*** Begin section ***
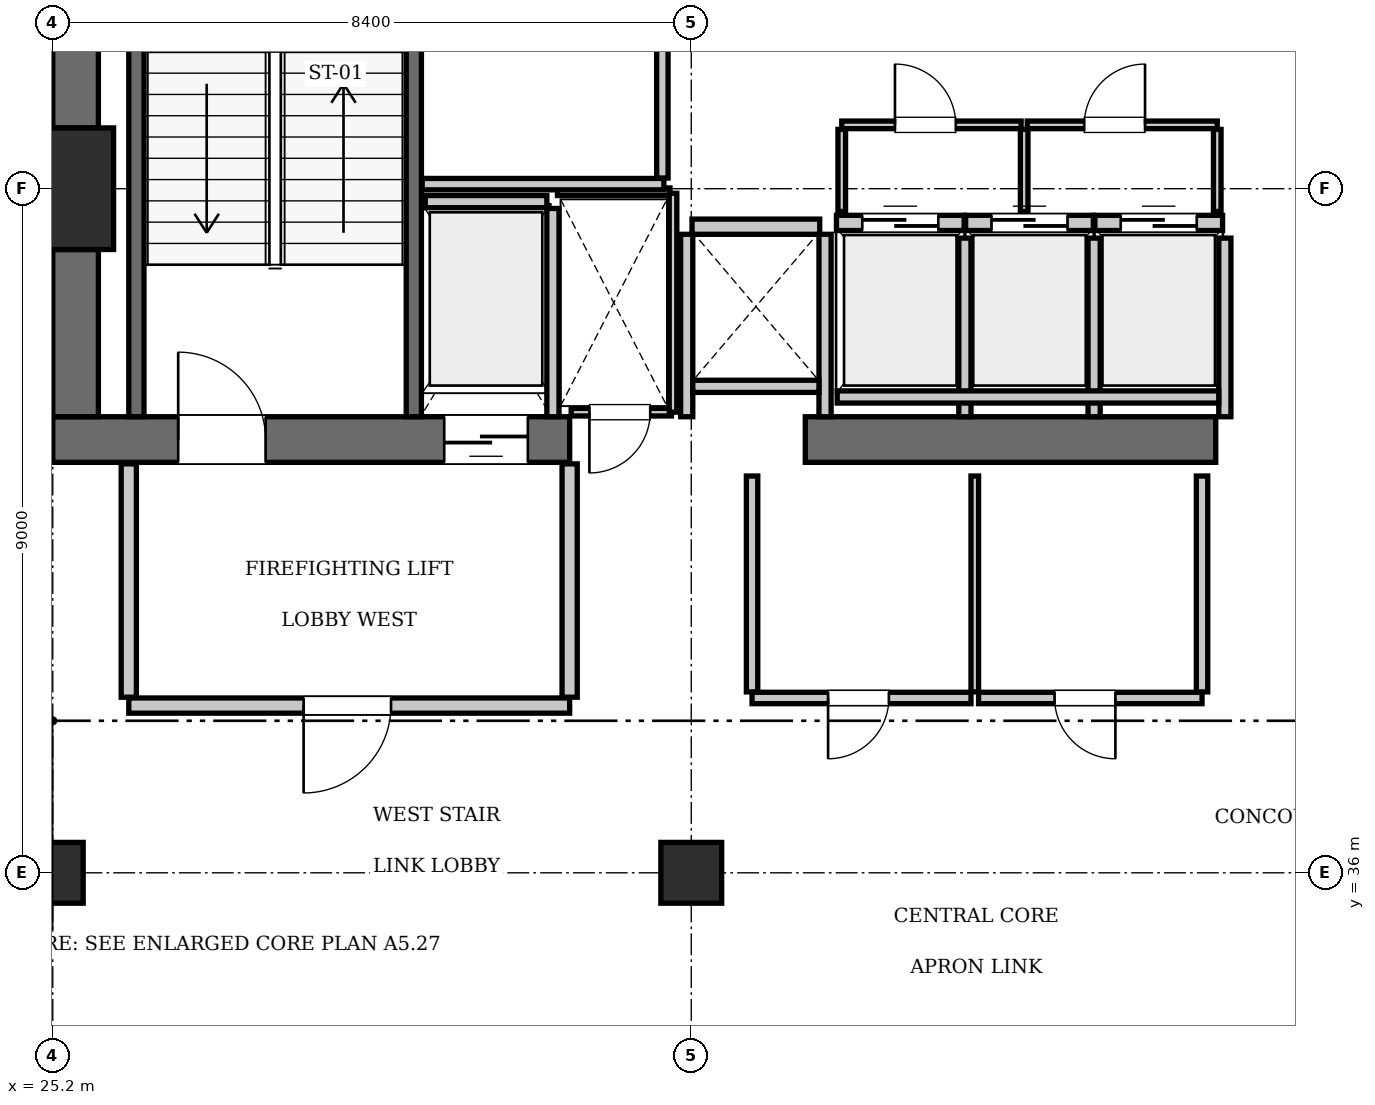
"""IFC4 building model, lengths in metres.
Left out: names, types, materials, properties, quantities, classifications, styles, units other than length and angle.
Written with IfcOpenShell. Run it as: python <this file> out.ifc"""

import sys

from ifc_helpers import new_model, si_unit, direction, frame, frame_2d, origin, origin_2d, place, context, subcontext, project, spatial, rectangle, extrude, element, fill, save


model = new_model("IFC4")
c1 = context("Model", 3, precision=1e-05, world=origin(), true_north=direction((0.0, 1.0)))
c2 = subcontext(c1, "Body", "Model", "MODEL_VIEW")
j1 = project(units=[si_unit("LENGTHUNIT", "METRE"), si_unit("PLANEANGLEUNIT", "RADIAN")], contexts=[c1])
p1 = place(None, origin())
s1 = spatial("IfcSite", under=j1, at=p1, CompositionType="ELEMENT")
p2 = place(p1, origin())
s2 = spatial("IfcBuilding", under=s1, at=p2, CompositionType="ELEMENT")
p3 = place(p2, frame((0.0, 0.0, 289.45)))
s3 = spatial("IfcBuildingStorey", under=s2, at=p3, CompositionType="ELEMENT", Elevation=289.45)
p4 = place(p3, frame((25.2, 45.0, 0.0), z_axis=(0.0, 0.0, 1.0), x_axis=(1.0, 0.0, 0.0)))
e1 = element("IfcColumn", 1, at=p4, inside=s3, PredefinedType="COLUMN", context=c2, shape_type="SweptSolid", body=[
    extrude(rectangle(XDim=1.6, YDim=1.6, at=origin_2d()), origin(), (0.0, 0.0, 1.0), 3.85),
])
p5 = place(p3, frame((25.2, 41.7, 0.0), z_axis=(0.0, 0.0, 1.0), x_axis=(1.0, 0.0, 0.0)))
e2 = element("IfcWall", 2, at=p5, inside=s3, PredefinedType="SHEAR", context=c2, shape_type="SweptSolid", body=[
    extrude(rectangle(XDim=6.8, YDim=0.6, at=frame_2d((3.4, 0.0))), origin(), (0.0, 0.0, 1.0), 3.85),
])
p6 = place(p5, frame((1.65, 0.0, 0.0)))
e3 = element("IfcOpeningElement", 3, at=p6, cuts=e2, PredefinedType="OPENING", context=c2, shape_type="SweptSolid", body=[
    extrude(rectangle(XDim=1.15, YDim=2.15, at=frame_2d((0.575, 1.075))), frame((0.0, 0.31, 0.0), z_axis=(0.0, -1.0, 0.0), x_axis=(1.0, 0.0, 0.0)), (0.0, 0.0, 1.0), 0.62),
])
p7 = place(p5, frame((5.15, 0.0, 0.0)))
e4 = element("IfcOpeningElement", 4, at=p7, cuts=e2, PredefinedType="OPENING", context=c2, shape_type="SweptSolid", body=[
    extrude(rectangle(XDim=1.1, YDim=2.2, at=frame_2d((0.55, 1.1))), frame((0.0, 0.31, 0.0), z_axis=(0.0, -1.0, 0.0), x_axis=(1.0, 0.0, 0.0)), (0.0, 0.0, 1.0), 0.62),
])
p8 = place(p3, frame((35.1, 41.7, 0.0), z_axis=(0.0, 0.0, 1.0), x_axis=(1.0, 0.0, 0.0)))
e5 = element("IfcWall", 5, at=p8, inside=s3, PredefinedType="SHEAR", context=c2, shape_type="SweptSolid", body=[
    extrude(rectangle(XDim=5.4, YDim=0.6, at=frame_2d((2.7, 0.0))), origin(), (0.0, 0.0, 1.0), 3.85),
])
p9 = place(p3, frame((25.5, 42.0, 0.0), z_axis=(0.0, 0.0, 1.0), x_axis=(0.0, 1.0, 0.0)))
e6 = element("IfcWall", 6, at=p9, inside=s3, PredefinedType="SHEAR", context=c2, shape_type="SweptSolid", body=[
    extrude(rectangle(XDim=2.2, YDim=0.6, at=frame_2d((1.1, 0.0))), origin(), (0.0, 0.0, 1.0), 3.85),
])
p10 = place(p3, frame((25.5, 45.8, 0.0), z_axis=(0.0, 0.0, 1.0), x_axis=(0.0, 1.0, 0.0)))
e7 = element("IfcWall", 7, at=p10, inside=s3, PredefinedType="SHEAR", context=c2, shape_type="SweptSolid", body=[
    extrude(rectangle(XDim=7.6, YDim=0.6, at=frame_2d((3.8, 0.0))), origin(), (0.0, 0.0, 1.0), 3.85),
])
for number, where, z_axis, x_axis in (
    (8, (25.2, 36.0, 0.0), (0.0, 0.0, 1.0), (1.0, 0.0, 0.0)),
    (9, (33.6, 36.0, 0.0), (0.0, 0.0, 1.0), (1.0, 0.0, 0.0)),
):
    element("IfcColumn", number, at=place(p3, frame(where, z_axis=z_axis, x_axis=x_axis)), inside=s3, PredefinedType="COLUMN", context=c2, shape_type="SweptSolid", body=[
        extrude(rectangle(XDim=0.8, YDim=0.8, at=origin_2d()), origin(), (0.0, 0.0, 1.0), 3.85),
    ])
p11 = place(p3, frame((29.95, 42.0, 0.0), z_axis=(0.0, 0.0, 1.0), x_axis=(0.0, 1.0, 0.0)))
e10 = element("IfcWall", 10, at=p11, inside=s3, PredefinedType="SOLIDWALL", context=c2, shape_type="SweptSolid", body=[
    extrude(rectangle(XDim=9.15, YDim=0.2, at=frame_2d((4.575, 0.0))), origin(), (0.0, 0.0, 1.0), 3.61),
])
p12 = place(p3, frame((26.3, 42.0, 0.0), z_axis=(0.0, 0.0, 1.0), x_axis=(0.0, 1.0, 0.0)))
e11 = element("IfcWall", 11, at=p12, inside=s3, PredefinedType="SOLIDWALL", context=c2, shape_type="SweptSolid", body=[
    extrude(rectangle(XDim=9.12, YDim=0.2, at=frame_2d((4.56, 0.0))), origin(), (0.0, 0.0, 1.0), 3.61),
])
p13 = place(p3, frame((35.51, 44.55, 0.0), z_axis=(0.0, 0.0, 1.0), x_axis=(1.0, 0.0, 0.0)))
e12 = element("IfcWall", 12, at=p13, inside=s3, PredefinedType="SOLIDWALL", context=c2, shape_type="SweptSolid", body=[
    extrude(rectangle(XDim=1.68, YDim=0.2, at=frame_2d((0.84, 0.0))), origin(), (0.0, 0.0, 1.0), 3.61),
])
p14 = place(p13, frame((0.34, 0.0, 0.0)))
e13 = element("IfcOpeningElement", 13, at=p14, cuts=e12, PredefinedType="OPENING", context=c2, shape_type="SweptSolid", body=[
    extrude(rectangle(XDim=1.0, YDim=2.15, at=frame_2d((0.5, 1.075))), frame((0.0, 0.11, 0.0), z_axis=(0.0, -1.0, 0.0), x_axis=(1.0, 0.0, 0.0)), (0.0, 0.0, 1.0), 0.22),
])
p15 = place(p3, frame((37.21, 44.55, 0.0), z_axis=(0.0, 0.0, 1.0), x_axis=(1.0, 0.0, 0.0)))
e14 = element("IfcWall", 14, at=p15, inside=s3, PredefinedType="SOLIDWALL", context=c2, shape_type="SweptSolid", body=[
    extrude(rectangle(XDim=1.68, YDim=0.2, at=frame_2d((0.84, 0.0))), origin(), (0.0, 0.0, 1.0), 3.61),
])
p16 = place(p15, frame((0.34, 0.0, 0.0)))
e15 = element("IfcOpeningElement", 15, at=p16, cuts=e14, PredefinedType="OPENING", context=c2, shape_type="SweptSolid", body=[
    extrude(rectangle(XDim=1.0, YDim=2.15, at=frame_2d((0.5, 1.075))), frame((0.0, 0.11, 0.0), z_axis=(0.0, -1.0, 0.0), x_axis=(1.0, 0.0, 0.0)), (0.0, 0.0, 1.0), 0.22),
])
p17 = place(p3, frame((38.91, 44.55, 0.0), z_axis=(0.0, 0.0, 1.0), x_axis=(1.0, 0.0, 0.0)))
e16 = element("IfcWall", 16, at=p17, inside=s3, PredefinedType="SOLIDWALL", context=c2, shape_type="SweptSolid", body=[
    extrude(rectangle(XDim=1.68, YDim=0.2, at=frame_2d((0.84, 0.0))), origin(), (0.0, 0.0, 1.0), 3.61),
])
p18 = place(p17, frame((0.34, 0.0, 0.0)))
e17 = element("IfcOpeningElement", 17, at=p18, cuts=e16, PredefinedType="OPENING", context=c2, shape_type="SweptSolid", body=[
    extrude(rectangle(XDim=1.0, YDim=2.15, at=frame_2d((0.5, 1.075))), frame((0.0, 0.11, 0.0), z_axis=(0.0, -1.0, 0.0), x_axis=(1.0, 0.0, 0.0)), (0.0, 0.0, 1.0), 0.22),
])
p19 = place(p3, frame((33.61, 44.5, 0.0), z_axis=(0.0, 0.0, 1.0), x_axis=(1.0, 0.0, 0.0)))
e18 = element("IfcWall", 18, at=p19, inside=s3, PredefinedType="SOLIDWALL", context=c2, shape_type="SweptSolid", body=[
    extrude(rectangle(XDim=1.68, YDim=0.2, at=frame_2d((0.84, 0.0))), origin(), (0.0, 0.0, 1.0), 3.61),
])
p20 = place(p3, frame((30.1, 44.83, 0.0), z_axis=(0.0, 0.0, 1.0), x_axis=(1.0, 0.0, 0.0)))
e19 = element("IfcWall", 19, at=p20, inside=s3, PredefinedType="SOLIDWALL", context=c2, shape_type="SweptSolid", body=[
    extrude(rectangle(XDim=1.6, YDim=0.16, at=frame_2d((0.8, 0.0))), origin(), (0.0, 0.0, 1.0), 3.61),
])
p21 = place(p3, frame((31.78, 42.0, 0.0), z_axis=(0.0, 0.0, 1.0), x_axis=(0.0, 1.0, 0.0)))
e20 = element("IfcWall", 20, at=p21, inside=s3, PredefinedType="SOLIDWALL", context=c2, shape_type="SweptSolid", body=[
    extrude(rectangle(XDim=2.74, YDim=0.16, at=frame_2d((1.37, 0.0))), origin(), (0.0, 0.0, 1.0), 3.61),
])
for number, where, z_axis, x_axis in (
    (21, (37.2, 42.0, 0.0), (0.0, 0.0, 1.0), (0.0, 1.0, 0.0)),
    (22, (38.9, 42.0, 0.0), (0.0, 0.0, 1.0), (0.0, 1.0, 0.0)),
    (23, (40.62, 42.0, 0.0), (0.0, 0.0, 1.0), (0.0, 1.0, 0.0)),
):
    element("IfcWall", number, at=place(p3, frame(where, z_axis=z_axis, x_axis=x_axis)), inside=s3, PredefinedType="SOLIDWALL", context=c2, shape_type="SweptSolid", body=[
        extrude(rectangle(XDim=2.35, YDim=0.16, at=frame_2d((1.175, 0.0))), origin(), (0.0, 0.0, 1.0), 3.61),
    ])
p22 = place(p3, frame((35.52, 42.26, 0.0), z_axis=(0.0, 0.0, 1.0), x_axis=(1.0, 0.0, 0.0)))
e24 = element("IfcWall", 24, at=p22, inside=s3, PredefinedType="SOLIDWALL", context=c2, shape_type="SweptSolid", body=[
    extrude(rectangle(XDim=5.02, YDim=0.16, at=frame_2d((2.51, 0.0))), origin(), (0.0, 0.0, 1.0), 3.61),
])
for number, where, z_axis, x_axis in (
    (25, (33.54, 42.0, 0.0), (0.0, 0.0, 1.0), (0.0, 1.0, 0.0)),
    (26, (35.36, 42.0, 0.0), (0.0, 0.0, 1.0), (0.0, 1.0, 0.0)),
):
    element("IfcWall", number, at=place(p3, frame(where, z_axis=z_axis, x_axis=x_axis)), inside=s3, PredefinedType="SOLIDWALL", context=c2, shape_type="SweptSolid", body=[
        extrude(rectangle(XDim=2.4, YDim=0.16, at=frame_2d((1.2, 0.0))), origin(), (0.0, 0.0, 1.0), 3.61),
    ])
p23 = place(p3, frame((33.62, 42.4, 0.0), z_axis=(0.0, 0.0, 1.0), x_axis=(1.0, 0.0, 0.0)))
e27 = element("IfcWall", 27, at=p23, inside=s3, PredefinedType="SOLIDWALL", context=c2, shape_type="SweptSolid", body=[
    extrude(rectangle(XDim=1.66, YDim=0.16, at=frame_2d((0.83, 0.0))), origin(), (0.0, 0.0, 1.0), 3.61),
])
p24 = place(p3, frame((26.2, 38.2, 0.0), z_axis=(0.0, 0.0, 1.0), x_axis=(1.0, 0.0, 0.0)))
e28 = element("IfcWall", 28, at=p24, inside=s3, PredefinedType="PARTITIONING", context=c2, shape_type="SweptSolid", body=[
    extrude(rectangle(XDim=5.8, YDim=0.2, at=frame_2d((2.9, 0.0))), origin(), (0.0, 0.0, 1.0), 3.61),
])
p25 = place(p24, frame((2.3, 0.0, 0.0)))
e29 = element("IfcOpeningElement", 29, at=p25, cuts=e28, PredefinedType="OPENING", context=c2, shape_type="SweptSolid", body=[
    extrude(rectangle(XDim=1.15, YDim=2.15, at=frame_2d((0.575, 1.075))), frame((0.0, 0.11, 0.0), z_axis=(0.0, -1.0, 0.0), x_axis=(1.0, 0.0, 0.0)), (0.0, 0.0, 1.0), 0.22),
])
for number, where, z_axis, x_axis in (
*** End section ***
# EXERCISE PROMPT
Restate the data word for word from its first line through the line with "p3 = place(p2, frame((0.0, 0.0, 289.45)))", leaving out any picture along the way.

# OUTPUT
"""IFC4 building model, lengths in metres.
Left out: names, types, materials, properties, quantities, classifications, styles, units other than length and angle.
Written with IfcOpenShell. Run it as: python <this file> out.ifc"""

import sys

from ifc_helpers import new_model, si_unit, direction, frame, frame_2d, origin, origin_2d, place, context, subcontext, project, spatial, rectangle, extrude, element, fill, save


model = new_model("IFC4")
c1 = context("Model", 3, precision=1e-05, world=origin(), true_north=direction((0.0, 1.0)))
c2 = subcontext(c1, "Body", "Model", "MODEL_VIEW")
j1 = project(units=[si_unit("LENGTHUNIT", "METRE"), si_unit("PLANEANGLEUNIT", "RADIAN")], contexts=[c1])
p1 = place(None, origin())
s1 = spatial("IfcSite", under=j1, at=p1, CompositionType="ELEMENT")
p2 = place(p1, origin())
s2 = spatial("IfcBuilding", under=s1, at=p2, CompositionType="ELEMENT")
p3 = place(p2, frame((0.0, 0.0, 289.45)))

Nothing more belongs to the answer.